_DATA IN THIS EXERCISE_
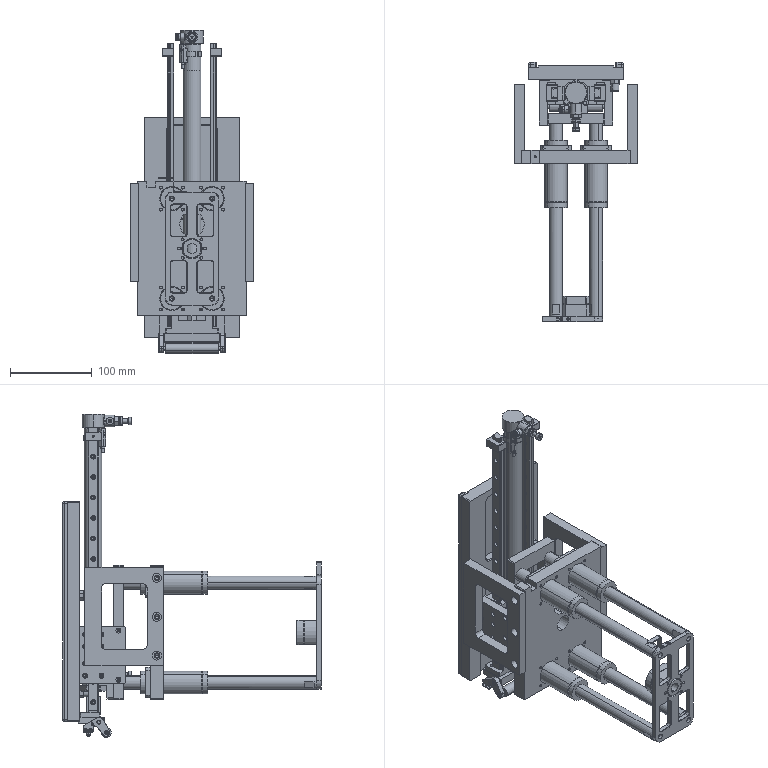Assembly | SolidWorks | mm | 61 component files | 62 solids | 3422 faces | box 150 x 316.25 x 394.73 mm | volume 1627100 mm3 | plane 1439 | cylinder 1289 | cone 438 | spline 214 | torus 24 | sphere 18 | commonest cylinder face diameters 6 x162 5 x106 3.4 x100 4 x84 2.5 x62 4.5 x60 3 x60 3.3 x48
Bill of materials:
ElasticPIN5N- | 3 |  | Stepped revolved part: a smaller-diameter hollow tube on top, a thin circular flange, a larger-diameter cylindrical body with a rounded lower end, and a short small-diameter boss at the bottom.
F01AE00111-A2007 | 1 | 6061 Alloy | Rectangular block with two parallel elongated through slots near the ends of its large face, chamfered corners, and a stepped/relieved end region with one larger and one smaller hole in the end face.
F01AE00111-A2008 | 2 | AISI 304 | Solid stepped cylindrical pin with two coaxial diameters: a shorter, smaller-diameter section and a longer, larger-diameter section, with small edge chamfers.
F01AE00111-A2010 | 1 | AISI 304 | Flat, constant-thickness bent-shaped link plate (boomerang/L outline) with rounded ends, two large through holes, two smaller through holes, an angled obround slot, and a rounded internal notch.
F01AE00111-A2011 | 1 | 6061 Alloy | Long rectangular bar with three evenly spaced through holes along its length, two U-shaped open notches at the ends of one long edge, rounded corners along one long edge, and two small holes in one end face.
F01AE00111-A2013 | 1 | AISI 304 | Flat bent-shaped link plate with the same general outline as unnamed part, but with counterbores or recessed rings around the two large holes; it also has two smaller holes, an angled obround slot, and a rounded internal notch.
F01AE00111-A2140 | 1 | AISI 304 | Long cylindrical roller- or shaft-like body with stepped, reduced-diameter journals at both ends; each journal has an intermediate shoulder step, and the visible end has a small axial hole.
L-740zz- | 8 |  | Plain annular ring (spacer/bushing-like) with a cylindrical outer surface, a concentric through bore, and flat parallel faces.
PIN 2X15- | 2 |  | Plain solid cylindrical rod or pin with chamfered ends.
F01AE00111-A2051 | 2 |  | Thick rectangular plate with an array of 13 round through holes and stepped lips along two opposite edges on the back side (a C-shaped edge profile).
F01AE00111-A2052 | 1 |  | Large rectangular plate with two shallow rounded-rectangle pockets on one face, several small holes in rows beside the pockets, holes in a narrow edge, and a raised step/land along one face.
F01AE00111-A2053 | 2 |  | Long, thin, narrow flat strip with seven evenly spaced small holes or short slots along its length and rounded ends or corners.
F01AE00111-A2055 | 1 |  | L-shaped bracket: a horizontal plate with one large round through-hole, joined to a shorter vertical leg that has two small through-holes.
F01AE00111-A2056 | 1 |  | Rectangular base plate with two upright stepped walls, one near each end. The base has a central through-hole and two end holes; each wall has a small hole.
F01AE00111-A2203 | 2 |  | U- or C-shaped channel block with one small through-hole in the back wall.
KJH06-M5 | 2 |  | Round fitting-like body along one axis: a cylindrical sleeve with a groove near one end, a hexagonal section, and a smaller chamfered spigot. It has an axial through-bore.
MGN12CGuide280 | 2 |  | Long, thin straight bar with a row of evenly spaced small holes along its length. Its end profile is roughly rectangular with chamfered corners, two opposite semicircular grooves and a small side notch.
MGN12C-Slider | 4 |  | Stepped rectangular block with a lengthwise channel open on one side. The channel corners have semicircular grooves, the outer faces have shallow flange steps, and there is one small hole on the top face.
PSL401A | 2 |  | T-shaped round body. The main cylinder has a hex section, a smaller spigot at one end, and a stem at the other end with collars and a round knob-like head. A side branch carries a cylindrical port with a flanged lip.
F01AE00111-A2006 | 1 |  | Rectangular frame plate with a large rounded-rectangle central window. It has four counterbored holes around the window, two small holes near one end, and small holes in one narrow edge.
F01AE00111-A2014 | 4 | Hard Chrome Plated Rod | Square-ish flat plate with a large rounded-rectangle window and three through-holes along one edge. A step or rabbet reduces the thickness at one end.
F01AE00111-A2015 | 2 |  | Slender solid cylindrical rod or pin with chamfered ends. One end has a small axial center hole, and there is a short flat or slot feature near that end.
F01AE00111-A2016 | 1 |  | Thick rectangular plate with five large round holes (four arranged in pairs, each with four small surrounding holes) and one smaller round hole. It has stepped side edges, a small notch on the top edge, and small holes in the edge faces.
F01AE00111-A2019 | 1 |  | Rounded-corner rectangular flat plate with four corner holes and four rounded-rectangular windows. A central circular hole is surrounded by six small holes in a circular pattern, and there are two small holes in one edge face.
F01AE00111-A2020 | 1 |  | Flat strip of constant thickness bent into a Z (joggle) shape. It has two parallel end legs pointing opposite ways, joined by a perpendicular middle section through two radiused bends. One end leg has two round through-holes in a row. All strip corners are rounded.
F01AE00111-A2085 | 1 | 6061 Alloy | Thick ring-shaped block with a large central round bore. The outer edge is round with two parallel flats cut on opposite sides. Six round through-holes are spaced around the bore, three near each flat side. The faces are flat and parallel.
LHFSW-MX16- | 4 |  | Long hollow round tube with a square flange near one end. The flange has its corners chamfered off and four round through-holes, one at each corner. A short round boss sticks out past the flange on the far side. A through-bore runs the full length. There are small circular grooves or steps near each end of the tube.
SFS01205Nut- | 1 |  | Flanged round body with a central through-bore. The flange is round with two parallel flats and has six round through-holes in a circle around the hub. On one side of the flange is a cylindrical hub that is narrower than the flange and longer than the flange is thick. Both the hub end and the flange edges are chamfered.
Mates:
1. concentric | LHFSW-MX16--2 face at (-84.852, -19.502, -211.475) dir (0, -1, 0) r 14 | F01AE00111-A2014-1 face at (-84.852, 47.548, -211.475) dir (0, -1, 0) r 8
2. concentric | LHFSW-MX16--3 face at (-133.852, -19.502, -211.475) dir (0, -1, 0) r 14 | F01AE00111-A2014-3 face at (-133.852, 47.548, -211.475) dir (0, -1, 0) r 8
3. coincident | F01AE00111-A2014-1 face at (-84.852, -192.452, -211.475) dir (0, -1, 0) | F01AE00111-A2014-3 face at (-133.852, -192.452, -211.475) dir (0, -1, 0)
4. coincident | F01AE00111-A2014-2 face at (-133.852, -192.452, -333.475) dir (0, -1, 0) | F01AE00111-A2014-4 face at (-84.852, -192.452, -333.475) dir (0, -1, 0)
5. concentric | F01AE00111-A2016-1 face at (-133.852, -3.452, -333.475) dir (0, 1, 0) r 14 | LHFSW-MX16--6 face at (-133.852, -19.502, -333.475) dir (0, -1, 0) r 14
6. concentric | F01AE00111-A2016-1 face at (-84.852, -3.452, -333.475) dir (0, 1, 0) r 14 | LHFSW-MX16--5 face at (-84.852, -19.502, -333.475) dir (0, -1, 0) r 14
7. concentric | F01AE00111-A2016-1 face at (-120.417, 12.548, -346.91) dir (0, 1, 0) r 1.65 | LHFSW-MX16--6 face at (-120.417, 16.498, -346.91) dir (0, -1, 0) r 3.75
8. coincident | F01AE00111-A2016-1 face at (-109.352, 12.548, -272.475) dir (0, 1, 0) | LHFSW-MX16--6 face at (-120.594, 12.548, -320.217) dir (0, -1, 0)
9. concentric | F01AE00111-A2016-1 face at (-98.287, 12.548, -346.91) dir (0, 1, 0) r 1.65 | LHFSW-MX16--5 face at (-98.287, 16.498, -346.91) dir (0, -1, 0) r 3.75
10. coincident | F01AE00111-A2016-1 face at (-109.352, 12.548, -272.475) dir (0, 1, 0) | LHFSW-MX16--5 face at (-71.594, 12.548, -320.217) dir (0, -1, 0)
11. coincident | F01AE00111-A2014-1 face at (-84.852, -192.452, -211.475) dir (0, -1, 0) | F01AE00111-A2014-3 face at (-133.852, -192.452, -211.475) dir (0, -1, 0)
12. coincident | F01AE00111-A2014-3 face at (-133.852, -192.452, -211.475) dir (0, -1, 0) | F01AE00111-A2014-4 face at (-84.852, -192.452, -333.475) dir (0, -1, 0)
13. concentric | F01AE00111-A2014-3 face at (-133.852, 47.548, -211.475) dir (0, -1, 0) r 8 | F01AE00111-A2006-2 face at (-133.852, 57.548, -211.475) dir (0, 1, 0) r 2.75
14. concentric | F01AE00111-A2014-2 face at (-133.852, 47.548, -333.475) dir (0, -1, 0) r 8 | F01AE00111-A2006-2 face at (-133.852, 57.548, -333.475) dir (0, 1, 0) r 2.75
15. concentric | F01AE00111-A2014-2 face at (-133.852, 47.548, -333.475) dir (0, -1, 0) r 8 | LHFSW-MX16--6 face at (-133.852, -19.502, -333.475) dir (0, -1, 0) r 14
16. concentric | F01AE00111-A2014-4 face at (-84.852, 47.548, -333.475) dir (0, -1, 0) r 8 | F01AE00111-A2006-2 face at (-84.852, 47.548, -333.475) dir (0, -1, 0) r 6
17. concentric | F01AE00111-A2014-4 face at (-84.852, 47.548, -333.475) dir (0, -1, 0) r 8 | LHFSW-MX16--5 face at (-84.852, -19.502, -333.475) dir (0, -1, 0) r 14
18. concentric | LHFSW-MX16--2 face at (-84.852, -19.502, -211.475) dir (0, -1, 0) r 14 | F01AE00111-A2016-1 face at (-84.852, -3.452, -211.475) dir (0, 1, 0) r 14
19. coincident | F01AE00111-A2014-3 face at (-133.852, 45.548, -211.475) dir (0, 1, 0) | F01AE00111-A2006-2 face at (-109.352, 45.548, -272.475) dir (0, -1, 0)
20. concentric | LHFSW-MX16--2 face at (-98.287, 16.498, -198.04) dir (0, -1, 0) r 3.75 | F01AE00111-A2016-1 face at (-98.287, 12.548, -198.04) dir (0, 1, 0) r 1.65
21. concentric | LHFSW-MX16--3 face at (-120.417, 16.498, -198.04) dir (0, -1, 0) r 3.75 | F01AE00111-A2016-1 face at (-120.417, 12.548, -198.04) dir (0, 1, 0) r 1.65
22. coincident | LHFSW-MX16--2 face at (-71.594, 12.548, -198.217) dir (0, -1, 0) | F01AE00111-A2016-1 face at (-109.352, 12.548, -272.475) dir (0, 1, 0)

_EXERCISE REQUIREMENTS_
The line containing "18. concentric |" and every line after it, through the end of the records, should be repeated exactly and alone.

_RESULT OF THE EXERCISE_
18. concentric | LHFSW-MX16--2 face at (-84.852, -19.502, -211.475) dir (0, -1, 0) r 14 | F01AE00111-A2016-1 face at (-84.852, -3.452, -211.475) dir (0, 1, 0) r 14
19. coincident | F01AE00111-A2014-3 face at (-133.852, 45.548, -211.475) dir (0, 1, 0) | F01AE00111-A2006-2 face at (-109.352, 45.548, -272.475) dir (0, -1, 0)
20. concentric | LHFSW-MX16--2 face at (-98.287, 16.498, -198.04) dir (0, -1, 0) r 3.75 | F01AE00111-A2016-1 face at (-98.287, 12.548, -198.04) dir (0, 1, 0) r 1.65
21. concentric | LHFSW-MX16--3 face at (-120.417, 16.498, -198.04) dir (0, -1, 0) r 3.75 | F01AE00111-A2016-1 face at (-120.417, 12.548, -198.04) dir (0, 1, 0) r 1.65
22. coincident | LHFSW-MX16--2 face at (-71.594, 12.548, -198.217) dir (0, -1, 0) | F01AE00111-A2016-1 face at (-109.352, 12.548, -272.475) dir (0, 1, 0)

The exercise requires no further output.